Data START

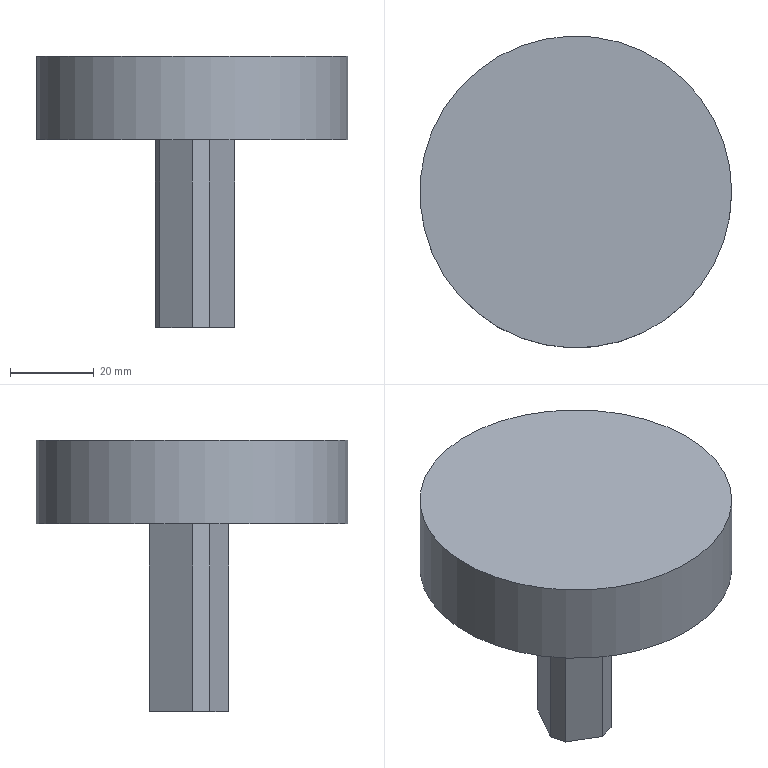Component | NX | CONNECTING_ROD | 1 solid | 17 faces | box 74.65 x 74.65 x 65 mm | volume 61981 mm3 | plane 12 | cylinder 4 | cone 1 | commonest cylinder face diameters 74.65 x1 66.65 x1 38.65 x1 8 x1
STEP:
#1=CARTESIAN_POINT('',(0.,0.,0.));
#2=DIRECTION('',(0.,0.,1.));
#3=DIRECTION('',(1.,0.,0.));
#4=AXIS2_PLACEMENT_3D('',#1,#2,#3);
#5=CARTESIAN_POINT('',(-5.912,-1.741,-7.5));
#6=VERTEX_POINT('',#5);
#7=CARTESIAN_POINT('',(3.75,14.995,-7.5));
#8=DIRECTION('',(0.,0.,-1.));
#9=DIRECTION('',(-0.5,-0.866,0.));
#10=AXIS2_PLACEMENT_3D('',#7,#8,#9);
#11=CIRCLE('',#10,19.325);
#12=CARTESIAN_POINT('',(3.75,14.995,-7.5));
#13=DIRECTION('',(0.,0.,-1.));
#14=DIRECTION('',(-0.5,-0.866,0.));
#15=AXIS2_PLACEMENT_3D('',#12,#13,#14);
#16=PLANE('',#15);
#17=CARTESIAN_POINT('',(0.,0.));
#18=DIRECTION('',(1.,0.));
#19=AXIS2_PLACEMENT_2D('',#17,#18);
#20=CIRCLE('',#19,19.325);
#21=(GEOMETRIC_REPRESENTATION_CONTEXT(2)PARAMETRIC_REPRESENTATION_CONTEXT()REPRESENTATION_CONTEXT('',''));
#22=DEFINITIONAL_REPRESENTATION('',(#20),#21);
#23=PCURVE('',#16,#22);
#24=CARTESIAN_POINT('',(3.75,14.995,7.5));
#25=DIRECTION('',(0.,0.,-1.));
#26=DIRECTION('',(-0.5,-0.866,0.));
#27=AXIS2_PLACEMENT_3D('',#24,#25,#26);
#28=CYLINDRICAL_SURFACE('',#27,19.325);
#29=CARTESIAN_POINT('',(0.,15.));
#30=DIRECTION('',(1.,0.));
#31=VECTOR('',#30,1.);
#32=LINE('',#29,#31);
#33=(GEOMETRIC_REPRESENTATION_CONTEXT(2)PARAMETRIC_REPRESENTATION_CONTEXT()REPRESENTATION_CONTEXT('',''));
#34=DEFINITIONAL_REPRESENTATION('',(#32),#33);
#35=PCURVE('',#28,#34);
#36=SURFACE_CURVE('',#11,(#23,#35),.PCURVE_S1.);
#37=EDGE_CURVE('',#6,#6,#36,.T.);
#38=ORIENTED_EDGE('',*,*,#37,.T.);
#39=EDGE_LOOP('',(#38));
#40=FACE_BOUND('',#39,.T.);
#41=CARTESIAN_POINT('',(1.005,25.24,-7.5));
#42=VERTEX_POINT('',#41);
#43=CARTESIAN_POINT('',(-4.995,14.848,-7.5));
#44=VERTEX_POINT('',#43);
#45=CARTESIAN_POINT('',(1.005,25.24,-7.5));
#46=DIRECTION('',(-0.5,-0.866,0.));
#47=VECTOR('',#46,1.);
#48=LINE('',#45,#47);
#49=CARTESIAN_POINT('',(-7.5,7.5));
#50=DIRECTION('',(1.,0.));
#51=VECTOR('',#50,1.);
#52=LINE('',#49,#51);
#53=(GEOMETRIC_REPRESENTATION_CONTEXT(2)PARAMETRIC_REPRESENTATION_CONTEXT()REPRESENTATION_CONTEXT('',''));
#54=DEFINITIONAL_REPRESENTATION('',(#52),#53);
#55=PCURVE('',#16,#54);
#56=CARTESIAN_POINT('',(1.005,25.24,-52.5));
#57=DIRECTION('',(-0.866,0.5,0.));
#58=DIRECTION('',(0.,0.,-1.));
#59=AXIS2_PLACEMENT_3D('',#56,#57,#58);
#60=PLANE('',#59);
#61=CARTESIAN_POINT('',(-45.,0.));
#62=DIRECTION('',(0.,1.));
#63=VECTOR('',#62,1.);
#64=LINE('',#61,#63);
#65=(GEOMETRIC_REPRESENTATION_CONTEXT(2)PARAMETRIC_REPRESENTATION_CONTEXT()REPRESENTATION_CONTEXT('',''));
#66=DEFINITIONAL_REPRESENTATION('',(#64),#65);
#67=PCURVE('',#60,#66);
#68=SURFACE_CURVE('',#48,(#55,#67),.PCURVE_S1.);
#69=EDGE_CURVE('',#42,#44,#68,.T.);
#70=ORIENTED_EDGE('',*,*,#69,.T.);
#71=CARTESIAN_POINT('',(-3.897,10.75,-7.5));
#72=VERTEX_POINT('',#71);
#73=CARTESIAN_POINT('',(-4.995,14.848,-7.5));
#74=DIRECTION('',(0.2588,-0.9659,0.));
#75=VECTOR('',#74,1.);
#76=LINE('',#73,#75);
#77=CARTESIAN_POINT('',(4.5,7.5));
#78=DIRECTION('',(0.7071,-0.7071));
#79=VECTOR('',#78,1.);
#80=LINE('',#77,#79);
#81=(GEOMETRIC_REPRESENTATION_CONTEXT(2)PARAMETRIC_REPRESENTATION_CONTEXT()REPRESENTATION_CONTEXT('',''));
#82=DEFINITIONAL_REPRESENTATION('',(#80),#81);
#83=PCURVE('',#16,#82);
#84=CARTESIAN_POINT('',(-4.995,14.848,-52.5));
#85=DIRECTION('',(0.9659,0.2588,0.));
#86=DIRECTION('',(0.,0.,1.));
#87=AXIS2_PLACEMENT_3D('',#84,#85,#86);
#88=PLANE('',#87);
#89=CARTESIAN_POINT('',(45.,0.));
#90=DIRECTION('',(0.,1.));
#91=VECTOR('',#90,1.);
#92=LINE('',#89,#91);
#93=(GEOMETRIC_REPRESENTATION_CONTEXT(2)PARAMETRIC_REPRESENTATION_CONTEXT()REPRESENTATION_CONTEXT('',''));
#94=DEFINITIONAL_REPRESENTATION('',(#92),#93);
#95=PCURVE('',#88,#94);
#96=SURFACE_CURVE('',#76,(#83,#95),.PCURVE_S1.);
#97=EDGE_CURVE('',#44,#72,#96,.T.);
#98=ORIENTED_EDGE('',*,*,#97,.T.);
#99=CARTESIAN_POINT('',(3.897,6.25,-7.5));
#100=VERTEX_POINT('',#99);
#101=CARTESIAN_POINT('',(-6.495,12.25,-7.5));
#102=DIRECTION('',(0.866,-0.5,0.));
#103=VECTOR('',#102,1.);
#104=LINE('',#101,#103);
#105=CARTESIAN_POINT('',(7.5,7.5));
#106=DIRECTION('',(0.,-1.));
#107=VECTOR('',#106,1.);
#108=LINE('',#105,#107);
#109=(GEOMETRIC_REPRESENTATION_CONTEXT(2)PARAMETRIC_REPRESENTATION_CONTEXT()REPRESENTATION_CONTEXT('',''));
#110=DEFINITIONAL_REPRESENTATION('',(#108),#109);
#111=PCURVE('',#16,#110);
#112=CARTESIAN_POINT('',(-6.495,12.25,-52.5));
#113=DIRECTION('',(-0.5,-0.866,0.));
#114=DIRECTION('',(0.,0.,1.));
#115=AXIS2_PLACEMENT_3D('',#112,#113,#114);
#116=PLANE('',#115);
#117=CARTESIAN_POINT('',(45.,0.));
#118=DIRECTION('',(0.,-1.));
#119=VECTOR('',#118,1.);
#120=LINE('',#117,#119);
#121=(GEOMETRIC_REPRESENTATION_CONTEXT(2)PARAMETRIC_REPRESENTATION_CONTEXT()REPRESENTATION_CONTEXT('',''));
#122=DEFINITIONAL_REPRESENTATION('',(#120),#121);
#123=PCURVE('',#116,#122);
#124=SURFACE_CURVE('',#104,(#111,#123),.PCURVE_S1.);
#125=EDGE_CURVE('',#72,#100,#124,.T.);
#126=ORIENTED_EDGE('',*,*,#125,.T.);
#127=CARTESIAN_POINT('',(7.995,7.348,-7.5));
#128=VERTEX_POINT('',#127);
#129=CARTESIAN_POINT('',(3.897,6.25,-7.5));
#130=DIRECTION('',(0.9659,0.2588,0.));
#131=VECTOR('',#130,1.);
#132=LINE('',#129,#131);
#133=CARTESIAN_POINT('',(7.5,-4.5));
#134=DIRECTION('',(-0.7071,-0.7071));
#135=VECTOR('',#134,1.);
#136=LINE('',#133,#135);
#137=(GEOMETRIC_REPRESENTATION_CONTEXT(2)PARAMETRIC_REPRESENTATION_CONTEXT()REPRESENTATION_CONTEXT('',''));
#138=DEFINITIONAL_REPRESENTATION('',(#136),#137);
#139=PCURVE('',#16,#138);
#140=CARTESIAN_POINT('',(3.897,6.25,-52.5));
#141=DIRECTION('',(-0.2588,0.9659,0.));
#142=DIRECTION('',(0.,0.,1.));
#143=AXIS2_PLACEMENT_3D('',#140,#141,#142);
#144=PLANE('',#143);
#145=CARTESIAN_POINT('',(45.,0.));
#146=DIRECTION('',(0.,1.));
#147=VECTOR('',#146,1.);
#148=LINE('',#145,#147);
#149=(GEOMETRIC_REPRESENTATION_CONTEXT(2)PARAMETRIC_REPRESENTATION_CONTEXT()REPRESENTATION_CONTEXT('',''));
#150=DEFINITIONAL_REPRESENTATION('',(#148),#149);
#151=PCURVE('',#144,#150);
#152=SURFACE_CURVE('',#132,(#139,#151),.PCURVE_S1.);
#153=EDGE_CURVE('',#100,#128,#152,.T.);
#154=ORIENTED_EDGE('',*,*,#153,.T.);
#155=CARTESIAN_POINT('',(13.995,17.74,-7.5));
#156=VERTEX_POINT('',#155);
#157=CARTESIAN_POINT('',(6.495,4.75,-7.5));
#158=DIRECTION('',(0.5,0.866,0.));
#159=VECTOR('',#158,1.);
#160=LINE('',#157,#159);
#161=CARTESIAN_POINT('',(7.5,-7.5));
#162=DIRECTION('',(-1.,0.));
#163=VECTOR('',#162,1.);
#164=LINE('',#161,#163);
#165=(GEOMETRIC_REPRESENTATION_CONTEXT(2)PARAMETRIC_REPRESENTATION_CONTEXT()REPRESENTATION_CONTEXT('',''));
#166=DEFINITIONAL_REPRESENTATION('',(#164),#165);
#167=PCURVE('',#16,#166);
#168=CARTESIAN_POINT('',(6.495,4.75,-52.5));
#169=DIRECTION('',(0.866,-0.5,0.));
#170=DIRECTION('',(0.,0.,1.));
#171=AXIS2_PLACEMENT_3D('',#168,#169,#170);
#172=PLANE('',#171);
#173=CARTESIAN_POINT('',(45.,0.));
#174=DIRECTION('',(0.,-1.));
#175=VECTOR('',#174,1.);
#176=LINE('',#173,#175);
#177=(GEOMETRIC_REPRESENTATION_CONTEXT(2)PARAMETRIC_REPRESENTATION_CONTEXT()REPRESENTATION_CONTEXT('',''));
#178=DEFINITIONAL_REPRESENTATION('',(#176),#177);
#179=PCURVE('',#172,#178);
#180=SURFACE_CURVE('',#160,(#167,#179),.PCURVE_S1.);
#181=EDGE_CURVE('',#128,#156,#180,.T.);
#182=ORIENTED_EDGE('',*,*,#181,.T.);
#183=CARTESIAN_POINT('',(13.995,17.74,-7.5));
#184=DIRECTION('',(-0.866,0.5,0.));
#185=VECTOR('',#184,1.);
#186=LINE('',#183,#185);
#187=CARTESIAN_POINT('',(-7.5,-7.5));
#188=DIRECTION('',(0.,1.));
#189=VECTOR('',#188,1.);
#190=LINE('',#187,#189);
#191=(GEOMETRIC_REPRESENTATION_CONTEXT(2)PARAMETRIC_REPRESENTATION_CONTEXT()REPRESENTATION_CONTEXT('',''));
#192=DEFINITIONAL_REPRESENTATION('',(#190),#191);
#193=PCURVE('',#16,#192);
#194=CARTESIAN_POINT('',(13.995,17.74,-52.5));
#195=DIRECTION('',(0.5,0.866,0.));
#196=DIRECTION('',(0.,0.,-1.));
#197=AXIS2_PLACEMENT_3D('',#194,#195,#196);
#198=PLANE('',#197);
#199=CARTESIAN_POINT('',(-45.,0.));
#200=DIRECTION('',(0.,1.));
#201=VECTOR('',#200,1.);
#202=LINE('',#199,#201);
#203=(GEOMETRIC_REPRESENTATION_CONTEXT(2)PARAMETRIC_REPRESENTATION_CONTEXT()REPRESENTATION_CONTEXT('',''));
#204=DEFINITIONAL_REPRESENTATION('',(#202),#203);
#205=PCURVE('',#198,#204);
#206=SURFACE_CURVE('',#186,(#193,#205),.PCURVE_S1.);
#207=EDGE_CURVE('',#156,#42,#206,.T.);
#208=ORIENTED_EDGE('',*,*,#207,.T.);
#209=EDGE_LOOP('',(#70,#98,#126,#154,#182,#208));
#210=FACE_BOUND('',#209,.T.);
#211=ADVANCED_FACE('',(#40,#210),#16,.T.);
#212=CARTESIAN_POINT('',(-12.912,-13.865,-7.5));
#213=VERTEX_POINT('',#212);
#214=CARTESIAN_POINT('',(3.75,14.995,-7.5));
#215=DIRECTION('',(0.,0.,-1.));
#216=DIRECTION('',(-0.5,-0.866,0.));
#217=AXIS2_PLACEMENT_3D('',#214,#215,#216);
#218=CIRCLE('',#217,33.325);
#219=CARTESIAN_POINT('',(3.75,14.995,-7.5));
#220=DIRECTION('',(0.,0.,-1.));
#221=DIRECTION('',(-0.5,-0.866,0.));
#222=AXIS2_PLACEMENT_3D('',#219,#220,#221);
#223=PLANE('',#222);
#224=CARTESIAN_POINT('',(0.,0.));
#225=DIRECTION('',(1.,0.));
#226=AXIS2_PLACEMENT_2D('',#224,#225);
#227=CIRCLE('',#226,33.325);
#228=(GEOMETRIC_REPRESENTATION_CONTEXT(2)PARAMETRIC_REPRESENTATION_CONTEXT()REPRESENTATION_CONTEXT('',''));
#229=DEFINITIONAL_REPRESENTATION('',(#227),#228);
#230=PCURVE('',#223,#229);
#231=CARTESIAN_POINT('',(3.75,14.995,7.5));
#232=DIRECTION('',(0.,0.,-1.));
#233=DIRECTION('',(-0.5,-0.866,0.));
#234=AXIS2_PLACEMENT_3D('',#231,#232,#233);
#235=CYLINDRICAL_SURFACE('',#234,33.325);
#236=CARTESIAN_POINT('',(0.,15.));
#237=DIRECTION('',(1.,0.));
#238=VECTOR('',#237,1.);
#239=LINE('',#236,#238);
#240=(GEOMETRIC_REPRESENTATION_CONTEXT(2)PARAMETRIC_REPRESENTATION_CONTEXT()REPRESENTATION_CONTEXT('',''));
#241=DEFINITIONAL_REPRESENTATION('',(#239),#240);
#242=PCURVE('',#235,#241);
#243=SURFACE_CURVE('',#218,(#230,#242),.PCURVE_S1.);
#244=EDGE_CURVE('',#213,#213,#243,.T.);
#245=ORIENTED_EDGE('',*,*,#244,.F.);
#246=EDGE_LOOP('',(#245));
#247=FACE_BOUND('',#246,.T.);
#248=CARTESIAN_POINT('',(-14.912,-17.329,-7.5));
#249=VERTEX_POINT('',#248);
#250=CARTESIAN_POINT('',(3.75,14.995,-7.5));
#251=DIRECTION('',(0.,0.,1.));
#252=DIRECTION('',(-0.5,-0.866,0.));
#253=AXIS2_PLACEMENT_3D('',#250,#251,#252);
#254=CIRCLE('',#253,37.325);
#255=CARTESIAN_POINT('',(37.325,0.));
#256=CARTESIAN_POINT('',(37.325,-64.649));
#257=CARTESIAN_POINT('',(-18.663,-32.324));
#258=CARTESIAN_POINT('',(-74.65,-0.));
#259=CARTESIAN_POINT('',(-18.663,32.324));
#260=CARTESIAN_POINT('',(37.325,64.649));
#261=CARTESIAN_POINT('',(37.325,0.));
#262=(BOUNDED_CURVE()B_SPLINE_CURVE(2,(#255,#256,#257,#258,#259,#260,#261),.UNSPECIFIED.,.T.,.F.)B_SPLINE_CURVE_WITH_KNOTS((1,2,2,2,2,1),(-2.094,0.,2.094,4.189,6.283,8.378),.UNSPECIFIED.)CURVE()GEOMETRIC_REPRESENTATION_ITEM()RATIONAL_B_SPLINE_CURVE((1.,0.5,1.,0.5,1.,0.5,1.))REPRESENTATION_ITEM(''));
#263=(GEOMETRIC_REPRESENTATION_CONTEXT(2)PARAMETRIC_REPRESENTATION_CONTEXT()REPRESENTATION_CONTEXT('',''));
#264=DEFINITIONAL_REPRESENTATION('',(#262),#263);
#265=PCURVE('',#223,#264);
#266=CARTESIAN_POINT('',(3.75,14.995,12.5));
#267=DIRECTION('',(0.,0.,-1.));
#268=DIRECTION('',(-0.5,-0.866,0.));
#269=AXIS2_PLACEMENT_3D('',#266,#267,#268);
#270=CYLINDRICAL_SURFACE('',#269,37.325);
#271=CARTESIAN_POINT('',(6.283,20.));
#272=DIRECTION('',(-1.,0.));
#273=VECTOR('',#272,1.);
#274=LINE('',#271,#273);
#275=(GEOMETRIC_REPRESENTATION_CONTEXT(2)PARAMETRIC_REPRESENTATION_CONTEXT()REPRESENTATION_CONTEXT('',''));
#276=DEFINITIONAL_REPRESENTATION('',(#274),#275);
#277=PCURVE('',#270,#276);
#278=SURFACE_CURVE('',#254,(#265,#277),.PCURVE_S1.);
#279=EDGE_CURVE('',#249,#249,#278,.T.);
#280=ORIENTED_EDGE('',*,*,#279,.F.);
#281=EDGE_LOOP('',(#280));
#282=FACE_BOUND('',#281,.T.);
#283=ADVANCED_FACE('',(#247,#282),#223,.T.);
#284=CARTESIAN_POINT('',(-14.912,-17.329,12.5));
#285=VERTEX_POINT('',#284);
#286=CARTESIAN_POINT('',(3.75,14.995,12.5));
#287=DIRECTION('',(0.,0.,-1.));
#288=DIRECTION('',(-0.5,-0.866,0.));
#289=AXIS2_PLACEMENT_3D('',#286,#287,#288);
#290=CIRCLE('',#289,37.325);
#291=CARTESIAN_POINT('',(3.75,14.995,12.5));
#292=DIRECTION('',(0.,0.,1.));
#293=DIRECTION('',(0.5,0.866,0.));
#294=AXIS2_PLACEMENT_3D('',#291,#292,#293);
#295=PLANE('',#294);
#296=CARTESIAN_POINT('',(-37.325,0.));
#297=CARTESIAN_POINT('',(-37.325,64.649));
#298=CARTESIAN_POINT('',(18.663,32.324));
#299=CARTESIAN_POINT('',(74.65,0.));
#300=CARTESIAN_POINT('',(18.663,-32.324));
#301=CARTESIAN_POINT('',(-37.325,-64.649));
#302=CARTESIAN_POINT('',(-37.325,0.));
#303=(BOUNDED_CURVE()B_SPLINE_CURVE(2,(#296,#297,#298,#299,#300,#301,#302),.UNSPECIFIED.,.T.,.F.)B_SPLINE_CURVE_WITH_KNOTS((1,2,2,2,2,1),(-2.094,0.,2.094,4.189,6.283,8.378),.UNSPECIFIED.)CURVE()GEOMETRIC_REPRESENTATION_ITEM()RATIONAL_B_SPLINE_CURVE((1.,0.5,1.,0.5,1.,0.5,1.))REPRESENTATION_ITEM(''));
#304=(GEOMETRIC_REPRESENTATION_CONTEXT(2)PARAMETRIC_REPRESENTATION_CONTEXT()REPRESENTATION_CONTEXT('',''));
#305=DEFINITIONAL_REPRESENTATION('',(#303),#304);
#306=PCURVE('',#295,#305);
#307=CARTESIAN_POINT('',(0.,0.));
#308=DIRECTION('',(1.,0.));
#309=VECTOR('',#308,1.);
#310=LINE('',#307,#309);
#311=(GEOMETRIC_REPRESENTATION_CONTEXT(2)PARAMETRIC_REPRESENTATION_CONTEXT()REPRESENTATION_CONTEXT('',''));
#312=DEFINITIONAL_REPRESENTATION('',(#310),#311);
#313=PCURVE('',#270,#312);
#314=SURFACE_CURVE('',#290,(#306,#313),.PCURVE_S1.);
#315=EDGE_CURVE('',#285,#285,#314,.T.);
#316=ORIENTED_EDGE('',*,*,#315,.F.);
#317=EDGE_LOOP('',(#316));
#318=FACE_BOUND('',#317,.T.);
#319=ADVANCED_FACE('',(#318),#295,.T.);
#320=ORIENTED_EDGE('',*,*,#279,.T.);
#321=CARTESIAN_POINT('',(-14.912,-17.329,12.5));
#322=CARTESIAN_POINT('',(-14.912,-17.329,-7.5));
#323=B_SPLINE_CURVE_WITH_KNOTS('',1,(#321,#322),.UNSPECIFIED.,.F.,.F.,(2,2),(0.,20.),.PIECEWISE_BEZIER_KNOTS.);
#324=CARTESIAN_POINT('',(0.,0.));
#325=DIRECTION('',(0.,1.));
#326=VECTOR('',#325,1.);
#327=LINE('',#324,#326);
#328=(GEOMETRIC_REPRESENTATION_CONTEXT(2)PARAMETRIC_REPRESENTATION_CONTEXT()REPRESENTATION_CONTEXT('',''));
#329=DEFINITIONAL_REPRESENTATION('',(#327),#328);
#330=PCURVE('',#270,#329);
#331=CARTESIAN_POINT('',(6.283,0.));
#332=DIRECTION('',(0.,1.));
#333=VECTOR('',#332,1.);
#334=LINE('',#331,#333);
#335=(GEOMETRIC_REPRESENTATION_CONTEXT(2)PARAMETRIC_REPRESENTATION_CONTEXT()REPRESENTATION_CONTEXT('',''));
#336=DEFINITIONAL_REPRESENTATION('',(#334),#335);
#337=PCURVE('',#270,#336);
#338=SEAM_CURVE('',#323,(#330,#337),.PCURVE_S1.);
#339=EDGE_CURVE('',#285,#249,#338,.T.);
#340=ORIENTED_EDGE('',*,*,#339,.F.);
#341=ORIENTED_EDGE('',*,*,#315,.T.);
#342=ORIENTED_EDGE('',*,*,#339,.T.);
#343=EDGE_LOOP('',(#320,#340,#341,#342));
#344=FACE_BOUND('',#343,.T.);
#345=ADVANCED_FACE('',(#344),#270,.T.);
#346=CARTESIAN_POINT('',(-12.912,-13.865,7.5));
#347=VERTEX_POINT('',#346);
#348=CARTESIAN_POINT('',(3.75,14.995,7.5));
#349=DIRECTION('',(0.,0.,1.));
#350=DIRECTION('',(-0.5,-0.866,0.));
#351=AXIS2_PLACEMENT_3D('',#348,#349,#350);
#352=CIRCLE('',#351,33.325);
#353=CARTESIAN_POINT('',(6.283,0.));
#354=DIRECTION('',(-1.,0.));
#355=VECTOR('',#354,1.);
#356=LINE('',#353,#355);
#357=(GEOMETRIC_REPRESENTATION_CONTEXT(2)PARAMETRIC_REPRESENTATION_CONTEXT()REPRESENTATION_CONTEXT('',''));
#358=DEFINITIONAL_REPRESENTATION('',(#356),#357);
#359=PCURVE('',#235,#358);
#360=CARTESIAN_POINT('',(3.75,14.995,7.5));
#361=DIRECTION('',(0.,0.,-1.));
#362=DIRECTION('',(-0.5,-0.866,0.));
#363=AXIS2_PLACEMENT_3D('',#360,#361,#362);
#364=PLANE('',#363);
#365=CARTESIAN_POINT('',(33.325,0.));
#366=CARTESIAN_POINT('',(33.325,-57.721));
#367=CARTESIAN_POINT('',(-16.663,-28.86));
#368=CARTESIAN_POINT('',(-66.65,-0.));
#369=CARTESIAN_POINT('',(-16.663,28.86));
#370=CARTESIAN_POINT('',(33.325,57.721));
#371=CARTESIAN_POINT('',(33.325,0.));
#372=(BOUNDED_CURVE()B_SPLINE_CURVE(2,(#365,#366,#367,#368,#369,#370,#371),.UNSPECIFIED.,.T.,.F.)B_SPLINE_CURVE_WITH_KNOTS((1,2,2,2,2,1),(-2.094,0.,2.094,4.189,6.283,8.378),.UNSPECIFIED.)CURVE()GEOMETRIC_REPRESENTATION_ITEM()RATIONAL_B_SPLINE_CURVE((1.,0.5,1.,0.5,1.,0.5,1.))REPRESENTATION_ITEM(''));
#373=(GEOMETRIC_REPRESENTATION_CONTEXT(2)PARAMETRIC_REPRESENTATION_CONTEXT()REPRESENTATION_CONTEXT('',''));
#374=DEFINITIONAL_REPRESENTATION('',(#372),#373);
#375=PCURVE('',#364,#374);
#376=SURFACE_CURVE('',#352,(#359,#375),.PCURVE_S1.);
#377=EDGE_CURVE('',#347,#347,#376,.T.);
#378=ORIENTED_EDGE('',*,*,#377,.F.);
#379=CARTESIAN_POINT('',(-12.912,-13.865,7.5));
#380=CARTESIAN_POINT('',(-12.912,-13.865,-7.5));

Data END

Problem details: Of all the entries above, retype exactly the lines from the line with "#60=PLANE('',#59);" to the line with "#108=LINE('',#105,#107);", both included, and no others.

Written response:
#60=PLANE('',#59);
#61=CARTESIAN_POINT('',(-45.,0.));
#62=DIRECTION('',(0.,1.));
#63=VECTOR('',#62,1.);
#64=LINE('',#61,#63);
#65=(GEOMETRIC_REPRESENTATION_CONTEXT(2)PARAMETRIC_REPRESENTATION_CONTEXT()REPRESENTATION_CONTEXT('',''));
#66=DEFINITIONAL_REPRESENTATION('',(#64),#65);
#67=PCURVE('',#60,#66);
#68=SURFACE_CURVE('',#48,(#55,#67),.PCURVE_S1.);
#69=EDGE_CURVE('',#42,#44,#68,.T.);
#70=ORIENTED_EDGE('',*,*,#69,.T.);
#71=CARTESIAN_POINT('',(-3.897,10.75,-7.5));
#72=VERTEX_POINT('',#71);
#73=CARTESIAN_POINT('',(-4.995,14.848,-7.5));
#74=DIRECTION('',(0.2588,-0.9659,0.));
#75=VECTOR('',#74,1.);
#76=LINE('',#73,#75);
#77=CARTESIAN_POINT('',(4.5,7.5));
#78=DIRECTION('',(0.7071,-0.7071));
#79=VECTOR('',#78,1.);
#80=LINE('',#77,#79);
#81=(GEOMETRIC_REPRESENTATION_CONTEXT(2)PARAMETRIC_REPRESENTATION_CONTEXT()REPRESENTATION_CONTEXT('',''));
#82=DEFINITIONAL_REPRESENTATION('',(#80),#81);
#83=PCURVE('',#16,#82);
#84=CARTESIAN_POINT('',(-4.995,14.848,-52.5));
#85=DIRECTION('',(0.9659,0.2588,0.));
#86=DIRECTION('',(0.,0.,1.));
#87=AXIS2_PLACEMENT_3D('',#84,#85,#86);
#88=PLANE('',#87);
#89=CARTESIAN_POINT('',(45.,0.));
#90=DIRECTION('',(0.,1.));
#91=VECTOR('',#90,1.);
#92=LINE('',#89,#91);
#93=(GEOMETRIC_REPRESENTATION_CONTEXT(2)PARAMETRIC_REPRESENTATION_CONTEXT()REPRESENTATION_CONTEXT('',''));
#94=DEFINITIONAL_REPRESENTATION('',(#92),#93);
#95=PCURVE('',#88,#94);
#96=SURFACE_CURVE('',#76,(#83,#95),.PCURVE_S1.);
#97=EDGE_CURVE('',#44,#72,#96,.T.);
#98=ORIENTED_EDGE('',*,*,#97,.T.);
#99=CARTESIAN_POINT('',(3.897,6.25,-7.5));
#100=VERTEX_POINT('',#99);
#101=CARTESIAN_POINT('',(-6.495,12.25,-7.5));
#102=DIRECTION('',(0.866,-0.5,0.));
#103=VECTOR('',#102,1.);
#104=LINE('',#101,#103);
#105=CARTESIAN_POINT('',(7.5,7.5));
#106=DIRECTION('',(0.,-1.));
#107=VECTOR('',#106,1.);
#108=LINE('',#105,#107);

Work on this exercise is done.